The answer must be the full listing, word for word, with no pictures in it.
BEGIN
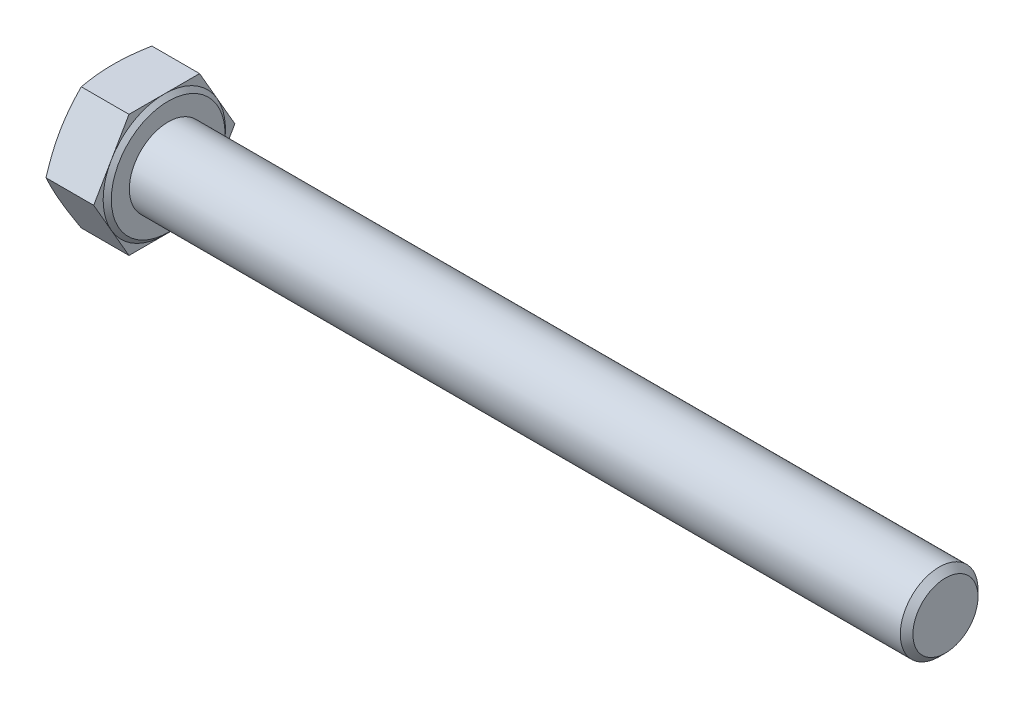
SolidWorks part; units mm, degrees
ref_plane "Front" through (0, 0, 0) normal (0, 0, 1) x (1, 0, 0)
ref_plane "Top" through (0, 0, 0) normal (0, 1, 0) x (1, 0, 0)
ref_plane "Right" through (0, 0, 0) normal (1, 0, 0) x (0, 0, -1)
sketch "Sketch-BaseHead" plane through (0, 0, 0) normal (1, 0, 0) x (0, 0, -1)
  line L1 (9.0817, 0) -> (4.5409, 7.865)
  line L2 (4.5409, 7.865) -> (-4.5409, 7.865)
  line L3 (-4.5409, 7.865) -> (-9.0817, 0)
  line L4 (-9.0817, 0) -> (-4.5409, -7.865)
  line L5 (-4.5409, -7.865) -> (4.5409, -7.865)
  line L6 (4.5409, -7.865) -> (9.0817, 0)
  circle A0 centre (0, 0) radius 7.865 construction
extrude "BaseHead" add sketch "Sketch-BaseHead" along normal blind 6.58
sketch "Sketch4" plane through (-0.2646, 0, 5.9169) normal (0, 1, 0) x (0, 0, -1)
  line L0 (5.9169, 3.7369) -> (5.9169, -10.4477) construction
  line L2 (14.9986, -0.2646) -> (13.7819, -0.2646)
  line L4 (13.7819, -0.2646) -> (14.9986, -0.7075)
  line L6 (14.9986, -0.7075) -> (14.9986, -0.2646)
revolve "HeadChamfer" cut sketch "Sketch4" angle 360 about L0
sketch "Sketch1" plane through (0, 0, 0) normal (0, 0, 1) x (1, 0, 0)
  line L0 (6.58, 0) -> (7.08, 0)
  line L1 (7.08, 0) -> (7.08, -7.315)
  line L2 (7.08, -7.315) -> (6.58, -7.865)
  line L3 (6.58, -7.865) -> (6.58, 0) construction
  line L4 (0, 0) -> (7.5821, 0) construction
  line L5 (-4.0016, 0) -> (10.1831, 0) construction
  line L6 (6.58, -7.865) -> (0.4428, -7.865) construction
  line L7 (6.58, 0) -> (6.58, -7.865)
revolve "Revolve1" add sketch "Sketch1" angle 360 about axis through (-4.0016, 0, 0) along (1, 0, 0)
ref_plane "Plane2" through (81.08, 0, 0) normal (1, 0, 0) x (0, 0, -1)
sketch "Sketch3" plane through (7.08, 0, 0) normal (1, 0, 0) x (0, 0, -1)
  circle A0 centre (0, 0) radius 5
extrude "BaseBody" add sketch "Sketch3" along normal blind 100
cosmetic thread "ThreadCosmetic1" [suppressed] parameters "b"=26, "D2"=8.376
fillet "HeadFillet" [suppressed] radius 0.4
chamfer "Chamfer1" distance 0.812 angle 45 1 edges at (107.08, 0, -5)
sketch "Sketch5" plane through (0, 0, 0) normal (0, 0, 1) x (1, 0, 0)
  line L0 (105.456, 5.812) -> (106.268, 5.812)
  line L1 (106.268, 5.812) -> (106.268, 5)
  line L2 (106.268, 5) -> (105.862, 4.2968)
  line L3 (105.862, 4.2968) -> (105.456, 5)
  line L4 (105.456, 5) -> (105.456, 5.812)
  line L5 (106.268, -5) -> (106.268, 5) construction
  line L6 (106.268, 5) -> (7.08, 5) construction
revolve "Cut-Revolve10" [suppressed] cut sketch "Sketch5" angle 360
pattern_linear "LPattern10" [suppressed] count 27
equation "\"D1@Sketch1\" = \"s@Sketch-BaseHead\"/ 2"
equation "\"D2@Sketch4\" = \"s@Sketch-BaseHead\""
equation "\"D1@Chamfer1\" =  ( \"d@Sketch3\" - \"D2@ThreadCosmetic1\" ) / 2 "
equation "\"b@ThreadCosmetic1\" = \"l@BaseBody\" - \"lg@Plane2\""
equation "\"D1@Sketch5\" =  (\"d@Sketch3\" - \"D2@ThreadCosmetic1\" )  / 2 "
equation "\"pitch@LPattern10\" = 1.2 * \"D1@Sketch5\""
equation "\"D1@LPattern10\" = \"b@ThreadCosmetic1\" / \"pitch@LPattern10\""
END
_Solution to this problem_.
SolidWorks part; units mm, degrees
ref_plane "Front" through (0, 0, 0) normal (0, 0, 1) x (1, 0, 0)
ref_plane "Top" through (0, 0, 0) normal (0, 1, 0) x (1, 0, 0)
ref_plane "Right" through (0, 0, 0) normal (1, 0, 0) x (0, 0, -1)
sketch "Sketch-BaseHead" plane through (0, 0, 0) normal (1, 0, 0) x (0, 0, -1)
  line L1 (9.0817, 0) -> (4.5409, 7.865)
  line L2 (4.5409, 7.865) -> (-4.5409, 7.865)
  line L3 (-4.5409, 7.865) -> (-9.0817, 0)
  line L4 (-9.0817, 0) -> (-4.5409, -7.865)
  line L5 (-4.5409, -7.865) -> (4.5409, -7.865)
  line L6 (4.5409, -7.865) -> (9.0817, 0)
  circle A0 centre (0, 0) radius 7.865 construction
extrude "BaseHead" add sketch "Sketch-BaseHead" along normal blind 6.58
sketch "Sketch4" plane through (-0.2646, 0, 5.9169) normal (0, 1, 0) x (0, 0, -1)
  line L0 (5.9169, 3.7369) -> (5.9169, -10.4477) construction
  line L2 (14.9986, -0.2646) -> (13.7819, -0.2646)
  line L4 (13.7819, -0.2646) -> (14.9986, -0.7075)
  line L6 (14.9986, -0.7075) -> (14.9986, -0.2646)
revolve "HeadChamfer" cut sketch "Sketch4" angle 360 about L0
sketch "Sketch1" plane through (0, 0, 0) normal (0, 0, 1) x (1, 0, 0)
  line L0 (6.58, 0) -> (7.08, 0)
  line L1 (7.08, 0) -> (7.08, -7.315)
  line L2 (7.08, -7.315) -> (6.58, -7.865)
  line L3 (6.58, -7.865) -> (6.58, 0) construction
  line L4 (0, 0) -> (7.5821, 0) construction
  line L5 (-4.0016, 0) -> (10.1831, 0) construction
  line L6 (6.58, -7.865) -> (0.4428, -7.865) construction
  line L7 (6.58, 0) -> (6.58, -7.865)
revolve "Revolve1" add sketch "Sketch1" angle 360 about axis through (-4.0016, 0, 0) along (1, 0, 0)
ref_plane "Plane2" through (81.08, 0, 0) normal (1, 0, 0) x (0, 0, -1)
sketch "Sketch3" plane through (7.08, 0, 0) normal (1, 0, 0) x (0, 0, -1)
  circle A0 centre (0, 0) radius 5
extrude "BaseBody" add sketch "Sketch3" along normal blind 100
cosmetic thread "ThreadCosmetic1" [suppressed] parameters "b"=26, "D2"=8.376
fillet "HeadFillet" [suppressed] radius 0.4
chamfer "Chamfer1" distance 0.812 angle 45 1 edges at (107.08, 0, -5)
sketch "Sketch5" plane through (0, 0, 0) normal (0, 0, 1) x (1, 0, 0)
  line L0 (105.456, 5.812) -> (106.268, 5.812)
  line L1 (106.268, 5.812) -> (106.268, 5)
  line L2 (106.268, 5) -> (105.862, 4.2968)
  line L3 (105.862, 4.2968) -> (105.456, 5)
  line L4 (105.456, 5) -> (105.456, 5.812)
  line L5 (106.268, -5) -> (106.268, 5) construction
  line L6 (106.268, 5) -> (7.08, 5) construction
revolve "Cut-Revolve10" [suppressed] cut sketch "Sketch5" angle 360
pattern_linear "LPattern10" [suppressed] count 27
equation "\"D1@Sketch1\" = \"s@Sketch-BaseHead\"/ 2"
equation "\"D2@Sketch4\" = \"s@Sketch-BaseHead\""
equation "\"D1@Chamfer1\" =  ( \"d@Sketch3\" - \"D2@ThreadCosmetic1\" ) / 2 "
equation "\"b@ThreadCosmetic1\" = \"l@BaseBody\" - \"lg@Plane2\""
equation "\"D1@Sketch5\" =  (\"d@Sketch3\" - \"D2@ThreadCosmetic1\" )  / 2 "
equation "\"pitch@LPattern10\" = 1.2 * \"D1@Sketch5\""
equation "\"D1@LPattern10\" = \"b@ThreadCosmetic1\" / \"pitch@LPattern10\""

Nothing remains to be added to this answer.